═══ INPUT
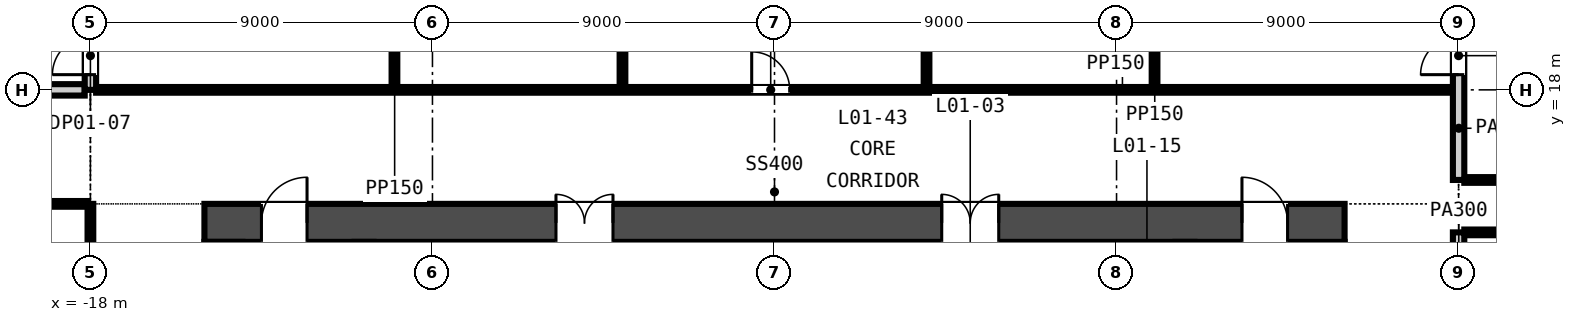
"""IFC4 building model, lengths in metres.
Left out: names, types, materials, properties, quantities, classifications, styles, units other than length and angle.
Written with IfcOpenShell. Run it as: python <this file> out.ifc"""

import sys

from ifc_helpers import new_model, si_unit, direction, frame, frame_2d, origin, place, context, subcontext, project, spatial, rectangle, extrude, element, fill, save


model = new_model("IFC4")
c1 = context("Model", 3, precision=1e-05, world=origin(), true_north=direction((0.0, 1.0)))
c2 = subcontext(c1, "Body", "Model", "MODEL_VIEW")
j1 = project(units=[si_unit("LENGTHUNIT", "METRE"), si_unit("PLANEANGLEUNIT", "RADIAN")], contexts=[c1])
p1 = place(None, origin())
s1 = spatial("IfcSite", under=j1, at=p1, CompositionType="ELEMENT")
p2 = place(p1, origin())
s2 = spatial("IfcBuilding", under=s1, at=p2, CompositionType="ELEMENT")
p3 = place(p2, frame((0.0, 0.0, 9.0)))
s3 = spatial("IfcBuildingStorey", under=s2, at=p3, CompositionType="ELEMENT", Elevation=9.0)
p4 = place(p3, frame((-15.0, 14.5, -0.4), z_axis=(0.0, 0.0, 1.0), x_axis=(1.0, 0.0, 0.0)))
e1 = element("IfcWall", 1, at=p4, inside=s3, PredefinedType="SOLIDWALL", context=c2, shape_type="SweptSolid", body=[
    extrude(rectangle(XDim=30.0, YDim=1.0, at=frame_2d((15.0, 0.0))), origin(), (0.0, 0.0, 1.0), 9.0),
])
p5 = place(p4, frame((9.25, 0.0, 0.4)))
e2 = element("IfcOpeningElement", 2, at=p5, cuts=e1, PredefinedType="OPENING", context=c2, shape_type="SweptSolid", body=[
    extrude(rectangle(XDim=1.5, YDim=2.1, at=frame_2d((0.75, 1.05))), frame((0.0, 0.51, 0.0), z_axis=(0.0, -1.0, 0.0), x_axis=(1.0, 0.0, 0.0)), (0.0, 0.0, 1.0), 1.02),
])
p6 = place(p4, frame((19.4, 0.0, 0.4)))
e3 = element("IfcOpeningElement", 3, at=p6, cuts=e1, PredefinedType="OPENING", context=c2, shape_type="SweptSolid", body=[
    extrude(rectangle(XDim=1.5, YDim=2.1, at=frame_2d((0.75, 1.05))), frame((0.0, 0.51, 0.0), z_axis=(0.0, -1.0, 0.0), x_axis=(1.0, 0.0, 0.0)), (0.0, 0.0, 1.0), 1.02),
])
p7 = place(p4, frame((1.5, 0.0, 0.4)))
e4 = element("IfcOpeningElement", 4, at=p7, cuts=e1, PredefinedType="OPENING", context=c2, shape_type="SweptSolid", body=[
    extrude(rectangle(XDim=1.2, YDim=2.1, at=frame_2d((0.6, 1.05))), frame((0.0, 0.51, 0.0), z_axis=(0.0, -1.0, 0.0), x_axis=(1.0, 0.0, 0.0)), (0.0, 0.0, 1.0), 1.02),
])
p8 = place(p4, frame((27.3, 0.0, 0.4)))
e5 = element("IfcOpeningElement", 5, at=p8, cuts=e1, PredefinedType="OPENING", context=c2, shape_type="SweptSolid", body=[
    extrude(rectangle(XDim=1.2, YDim=2.1, at=frame_2d((0.6, 1.05))), frame((0.0, 0.51, 0.0), z_axis=(0.0, -1.0, 0.0), x_axis=(1.0, 0.0, 0.0)), (0.0, 0.0, 1.0), 1.02),
])
for number, where, z_axis, x_axis in (
    (6, (-8.275, 11.3, 0.0), (0.0, 0.0, 1.0), (0.0, 1.0, 0.0)),
    (7, (-5.875, 11.3, 0.0), (0.0, 0.0, 1.0), (0.0, 1.0, 0.0)),
    (8, (-4.125, 11.3, 0.0), (0.0, 0.0, 1.0), (0.0, 1.0, 0.0)),
    (9, (-1.325, 11.3, 0.0), (0.0, 0.0, 1.0), (0.0, 1.0, 0.0)),
    (10, (1.475, 11.3, 0.0), (0.0, 0.0, 1.0), (0.0, 1.0, 0.0)),
    (11, (4.275, 11.3, 0.0), (0.0, 0.0, 1.0), (0.0, 1.0, 0.0)),
    (12, (6.025, 11.3, 0.0), (0.0, 0.0, 1.0), (0.0, 1.0, 0.0)),
    (13, (8.825, 11.3, 0.0), (0.0, 0.0, 1.0), (0.0, 1.0, 0.0)),
):
    element("IfcWall", number, at=place(p3, frame(where, z_axis=z_axis, x_axis=x_axis)), inside=s3, PredefinedType="PARTITIONING", context=c2, shape_type="SweptSolid", body=[
        extrude(rectangle(XDim=2.7, YDim=0.25, at=frame_2d((1.35, 0.0))), origin(), (0.0, 0.0, 1.0), 8.6),
    ])
p9 = place(p3, frame((18.15, 14.25, 0.0), z_axis=(0.0, 0.0, 1.0), x_axis=(1.0, 0.0, 0.0)))
e14 = element("IfcWall", 14, at=p9, inside=s3, PredefinedType="PARTITIONING", context=c2, shape_type="SweptSolid", body=[
    extrude(rectangle(XDim=5.1, YDim=0.15, at=frame_2d((2.55, 0.0))), origin(), (0.0, 0.0, 1.0), 8.6),
])
p10 = place(p3, frame((-27.035, 15.0, 0.0), z_axis=(0.0, 0.0, 1.0), x_axis=(1.0, 0.0, 0.0)))
e15 = element("IfcWall", 15, at=p10, inside=s3, PredefinedType="PARTITIONING", context=c2, shape_type="SweptSolid", body=[
    extrude(rectangle(XDim=8.96, YDim=0.15, at=frame_2d((4.48, 0.0))), origin(), (0.0, 0.0, 1.0), 8.6),
])
p11 = place(p3, frame((18.15, 15.629, 0.0), z_axis=(0.0, 0.0, 1.0), x_axis=(1.0, 0.0, 0.0)))
e16 = element("IfcWall", 16, at=p11, inside=s3, PredefinedType="PARTITIONING", context=c2, shape_type="SweptSolid", body=[
    extrude(rectangle(XDim=7.407, YDim=0.15, at=frame_2d((3.704, 0.0))), origin(), (0.0, 0.0, 1.0), 8.6),
])
p12 = place(p11, frame((2.4, 0.0, 0.0)))
e17 = element("IfcOpeningElement", 17, at=p12, cuts=e16, PredefinedType="OPENING", context=c2, shape_type="SweptSolid", body=[
    extrude(rectangle(XDim=2.4, YDim=2.4, at=frame_2d((1.2, 1.2))), frame((0.0, 0.085, 0.0), z_axis=(0.0, -1.0, 0.0), x_axis=(1.0, 0.0, 0.0)), (0.0, 0.0, 1.0), 0.17),
])
p13 = place(p3, frame((-23.5, 18.0, 0.0), z_axis=(0.0, 0.0, 1.0), x_axis=(1.0, 0.0, 0.0)))
e18 = element("IfcWall", 18, at=p13, inside=s3, PredefinedType="PARTITIONING", context=c2, shape_type="SweptSolid", body=[
    extrude(rectangle(XDim=5.35, YDim=0.3, at=frame_2d((2.675, 0.0))), origin(), (0.0, 0.0, 1.0), 8.6),
])
p14 = place(p3, frame((-17.85, 18.0, 0.0), z_axis=(0.0, 0.0, 1.0), x_axis=(1.0, 0.0, 0.0)))
e19 = element("IfcWall", 19, at=p14, inside=s3, PredefinedType="PARTITIONING", context=c2, shape_type="SweptSolid", body=[
    extrude(rectangle(XDim=35.7, YDim=0.15, at=frame_2d((17.85, 0.0))), origin(), (0.0, 0.0, 1.0), 8.6),
])
p15 = place(p14, frame((17.25, 0.0, 0.0)))
e20 = element("IfcOpeningElement", 20, at=p15, cuts=e19, PredefinedType="OPENING", context=c2, shape_type="SweptSolid", body=[
    extrude(rectangle(XDim=1.0, YDim=2.1, at=frame_2d((0.5, 1.05))), frame((0.0, 0.085, 0.0), z_axis=(0.0, -1.0, 0.0), x_axis=(1.0, 0.0, 0.0)), (0.0, 0.0, 1.0), 0.17),
])
p16 = place(p3, frame((-18.0, 1.251, 0.0), z_axis=(0.0, 0.0, 1.0), x_axis=(0.0, 1.0, 0.0)))
e21 = element("IfcWall", 21, at=p16, inside=s3, PredefinedType="PARTITIONING", context=c2, shape_type="SweptSolid", body=[
    extrude(rectangle(XDim=13.749, YDim=0.15, at=frame_2d((6.875, 0.0))), origin(), (0.0, 0.0, 1.0), 8.6),
])
p17 = place(p3, frame((-18.0, 18.0, 0.0), z_axis=(0.0, 0.0, 1.0), x_axis=(0.0, 1.0, 0.0)))
e22 = element("IfcWall", 22, at=p17, inside=s3, PredefinedType="PARTITIONING", context=c2, shape_type="SweptSolid", body=[
    extrude(rectangle(XDim=1.807, YDim=0.3, at=frame_2d((0.904, 0.0))), origin(), (0.0, 0.0, 1.0), 8.6),
])
p18 = place(p17, frame((0.4, 0.0, 0.0)))
e23 = element("IfcOpeningElement", 23, at=p18, cuts=e22, PredefinedType="OPENING", context=c2, shape_type="SweptSolid", body=[
    extrude(rectangle(XDim=1.0, YDim=2.1, at=frame_2d((0.5, 1.05))), frame((0.0, 0.16, 0.0), z_axis=(0.0, -1.0, 0.0), x_axis=(1.0, 0.0, 0.0)), (0.0, 0.0, 1.0), 0.32),
])
p19 = place(p3, frame((-10.0, 18.075, 0.0), z_axis=(0.0, 0.0, 1.0), x_axis=(0.0, 1.0, 0.0)))
e24 = element("IfcWall", 24, at=p19, inside=s3, PredefinedType="PARTITIONING", context=c2, shape_type="SweptSolid", body=[
    extrude(rectangle(XDim=13.05, YDim=0.15, at=frame_2d((6.525, 0.0))), origin(), (0.0, 0.0, 1.0), 8.6),
])
for number, where, z_axis, x_axis in (
    (25, (-4.0, 18.075, 0.0), (0.0, 0.0, 1.0), (0.0, 1.0, 0.0)),
    (26, (4.0, 18.075, 0.0), (0.0, 0.0, 1.0), (0.0, 1.0, 0.0)),
):
    element("IfcWall", number, at=place(p3, frame(where, z_axis=z_axis, x_axis=x_axis)), inside=s3, PredefinedType="PARTITIONING", context=c2, shape_type="SweptSolid", body=[
        extrude(rectangle(XDim=13.025, YDim=0.15, at=frame_2d((6.513, 0.0))), origin(), (0.0, 0.0, 1.0), 8.6),
    ])
p20 = place(p3, frame((10.0, 18.075, 0.0), z_axis=(0.0, 0.0, 1.0), x_axis=(0.0, 1.0, 0.0)))
e27 = element("IfcWall", 27, at=p20, inside=s3, PredefinedType="PARTITIONING", context=c2, shape_type="SweptSolid", body=[
    extrude(rectangle(XDim=12.125, YDim=0.15, at=frame_2d((6.062, 0.0))), origin(), (0.0, 0.0, 1.0), 8.6),
])
p21 = place(p3, frame((18.0, 13.0, 0.0), z_axis=(0.0, 0.0, 1.0), x_axis=(0.0, 1.0, 0.0)))
e28 = element("IfcWall", 28, at=p21, inside=s3, PredefinedType="PARTITIONING", context=c2, shape_type="SweptSolid", body=[
    extrude(rectangle(XDim=1.25, YDim=0.3, at=frame_2d((0.625, 0.0))), origin(), (0.0, 0.0, 1.0), 7.994),
])
p22 = place(p3, frame((18.0, 15.629, 0.0), z_axis=(0.0, 0.0, 1.0), x_axis=(0.0, 1.0, 0.0)))
e29 = element("IfcWall", 29, at=p22, inside=s3, PredefinedType="PARTITIONING", context=c2, shape_type="SweptSolid", body=[
    extrude(rectangle(XDim=4.178, YDim=0.3, at=frame_2d((2.089, 0.0))), origin(), (0.0, 0.0, 1.0), 8.6),
])
p23 = place(p22, frame((2.771, 0.0, 0.0)))
e30 = element("IfcOpeningElement", 30, at=p23, cuts=e29, PredefinedType="OPENING", context=c2, shape_type="SweptSolid", body=[
    extrude(rectangle(XDim=1.0, YDim=2.1, at=frame_2d((0.5, 1.05))), frame((0.0, 0.16, 0.0), z_axis=(0.0, -1.0, 0.0), x_axis=(1.0, 0.0, 0.0)), (0.0, 0.0, 1.0), 0.32),
])
p24 = place(p5, origin())
e31 = element("IfcDoor", 31, at=p24, inside=s3, OperationType="DOUBLE_DOOR_SINGLE_SWING", PredefinedType="DOOR", context=c2, shape_type="SweptSolid", body=[
    extrude(rectangle(XDim=1.5, YDim=2.1, at=frame_2d((0.75, 1.05))), frame((0.0, 0.025, 0.0), z_axis=(0.0, -1.0, 0.0), x_axis=(1.0, 0.0, 0.0)), (0.0, 0.0, 1.0), 0.05),
])
fill(e2, e31)
p25 = place(p6, origin())
e32 = element("IfcDoor", 32, at=p25, inside=s3, OperationType="DOUBLE_DOOR_SINGLE_SWING", PredefinedType="DOOR", context=c2, shape_type="SweptSolid", body=[
    extrude(rectangle(XDim=1.5, YDim=2.1, at=frame_2d((0.75, 1.05))), frame((0.0, 0.025, 0.0), z_axis=(0.0, -1.0, 0.0), x_axis=(1.0, 0.0, 0.0)), (0.0, 0.0, 1.0), 0.05),
])
fill(e3, e32)
p26 = place(p7, origin())
e33 = element("IfcDoor", 33, at=p26, inside=s3, OperationType="SINGLE_SWING_RIGHT", PredefinedType="DOOR", context=c2, shape_type="SweptSolid", body=[
    extrude(rectangle(XDim=1.2, YDim=2.1, at=frame_2d((0.6, 1.05))), frame((0.0, 0.025, 0.0), z_axis=(0.0, -1.0, 0.0), x_axis=(1.0, 0.0, 0.0)), (0.0, 0.0, 1.0), 0.05),
])
fill(e4, e33)
p27 = place(p8, origin())
e34 = element("IfcDoor", 34, at=p27, inside=s3, OperationType="SINGLE_SWING_LEFT", PredefinedType="DOOR", context=c2, shape_type="SweptSolid", body=[
    extrude(rectangle(XDim=1.2, YDim=2.1, at=frame_2d((0.6, 1.05))), frame((0.0, 0.025, 0.0), z_axis=(0.0, -1.0, 0.0), x_axis=(1.0, 0.0, 0.0)), (0.0, 0.0, 1.0), 0.05),
])
fill(e5, e34)
p28 = place(p18, origin())
e35 = element("IfcDoor", 35, at=p28, inside=s3, OperationType="SINGLE_SWING_LEFT", PredefinedType="DOOR", context=c2, shape_type="SweptSolid", body=[
    extrude(rectangle(XDim=1.0, YDim=2.1, at=frame_2d((0.5, 1.05))), frame((0.0, 0.025, 0.0), z_axis=(0.0, -1.0, 0.0), x_axis=(1.0, 0.0, 0.0)), (0.0, 0.0, 1.0), 0.05),
])
fill(e23, e35)
p29 = place(p23, origin())
e36 = element("IfcDoor", 36, at=p29, inside=s3, OperationType="SINGLE_SWING_LEFT", PredefinedType="DOOR", context=c2, shape_type="SweptSolid", body=[
    extrude(rectangle(XDim=1.0, YDim=2.1, at=frame_2d((0.5, 1.05))), frame((0.0, 0.025, 0.0), z_axis=(0.0, -1.0, 0.0), x_axis=(1.0, 0.0, 0.0)), (0.0, 0.0, 1.0), 0.05),
])
fill(e30, e36)
p30 = place(p15, origin())
e37 = element("IfcDoor", 37, at=p30, inside=s3, OperationType="SINGLE_SWING_LEFT", PredefinedType="DOOR", context=c2, shape_type="SweptSolid", body=[
    extrude(rectangle(XDim=1.0, YDim=2.1, at=frame_2d((0.5, 1.05))), frame((0.0, 0.025, 0.0), z_axis=(0.0, -1.0, 0.0), x_axis=(1.0, 0.0, 0.0)), (0.0, 0.0, 1.0), 0.05),
])
fill(e20, e37)
save(model, sys.argv[1])
══════
== WHAT NEEDS TO BE DONE ==
Taking the line with "p23 = place(p22, frame((2.771, 0.0, 0.0)))" as the first and the line with "p29 = place(p23, origin())" as the last, retype that stretch of the data above exactly, with no other lines.

== OUTPUT OF THE TASK ==
p23 = place(p22, frame((2.771, 0.0, 0.0)))
e30 = element("IfcOpeningElement", 30, at=p23, cuts=e29, PredefinedType="OPENING", context=c2, shape_type="SweptSolid", body=[
    extrude(rectangle(XDim=1.0, YDim=2.1, at=frame_2d((0.5, 1.05))), frame((0.0, 0.16, 0.0), z_axis=(0.0, -1.0, 0.0), x_axis=(1.0, 0.0, 0.0)), (0.0, 0.0, 1.0), 0.32),
])
p24 = place(p5, origin())
e31 = element("IfcDoor", 31, at=p24, inside=s3, OperationType="DOUBLE_DOOR_SINGLE_SWING", PredefinedType="DOOR", context=c2, shape_type="SweptSolid", body=[
    extrude(rectangle(XDim=1.5, YDim=2.1, at=frame_2d((0.75, 1.05))), frame((0.0, 0.025, 0.0), z_axis=(0.0, -1.0, 0.0), x_axis=(1.0, 0.0, 0.0)), (0.0, 0.0, 1.0), 0.05),
])
fill(e2, e31)
p25 = place(p6, origin())
e32 = element("IfcDoor", 32, at=p25, inside=s3, OperationType="DOUBLE_DOOR_SINGLE_SWING", PredefinedType="DOOR", context=c2, shape_type="SweptSolid", body=[
    extrude(rectangle(XDim=1.5, YDim=2.1, at=frame_2d((0.75, 1.05))), frame((0.0, 0.025, 0.0), z_axis=(0.0, -1.0, 0.0), x_axis=(1.0, 0.0, 0.0)), (0.0, 0.0, 1.0), 0.05),
])
fill(e3, e32)
p26 = place(p7, origin())
e33 = element("IfcDoor", 33, at=p26, inside=s3, OperationType="SINGLE_SWING_RIGHT", PredefinedType="DOOR", context=c2, shape_type="SweptSolid", body=[
    extrude(rectangle(XDim=1.2, YDim=2.1, at=frame_2d((0.6, 1.05))), frame((0.0, 0.025, 0.0), z_axis=(0.0, -1.0, 0.0), x_axis=(1.0, 0.0, 0.0)), (0.0, 0.0, 1.0), 0.05),
])
fill(e4, e33)
p27 = place(p8, origin())
e34 = element("IfcDoor", 34, at=p27, inside=s3, OperationType="SINGLE_SWING_LEFT", PredefinedType="DOOR", context=c2, shape_type="SweptSolid", body=[
    extrude(rectangle(XDim=1.2, YDim=2.1, at=frame_2d((0.6, 1.05))), frame((0.0, 0.025, 0.0), z_axis=(0.0, -1.0, 0.0), x_axis=(1.0, 0.0, 0.0)), (0.0, 0.0, 1.0), 0.05),
])
fill(e5, e34)
p28 = place(p18, origin())
e35 = element("IfcDoor", 35, at=p28, inside=s3, OperationType="SINGLE_SWING_LEFT", PredefinedType="DOOR", context=c2, shape_type="SweptSolid", body=[
    extrude(rectangle(XDim=1.0, YDim=2.1, at=frame_2d((0.5, 1.05))), frame((0.0, 0.025, 0.0), z_axis=(0.0, -1.0, 0.0), x_axis=(1.0, 0.0, 0.0)), (0.0, 0.0, 1.0), 0.05),
])
fill(e23, e35)
p29 = place(p23, origin())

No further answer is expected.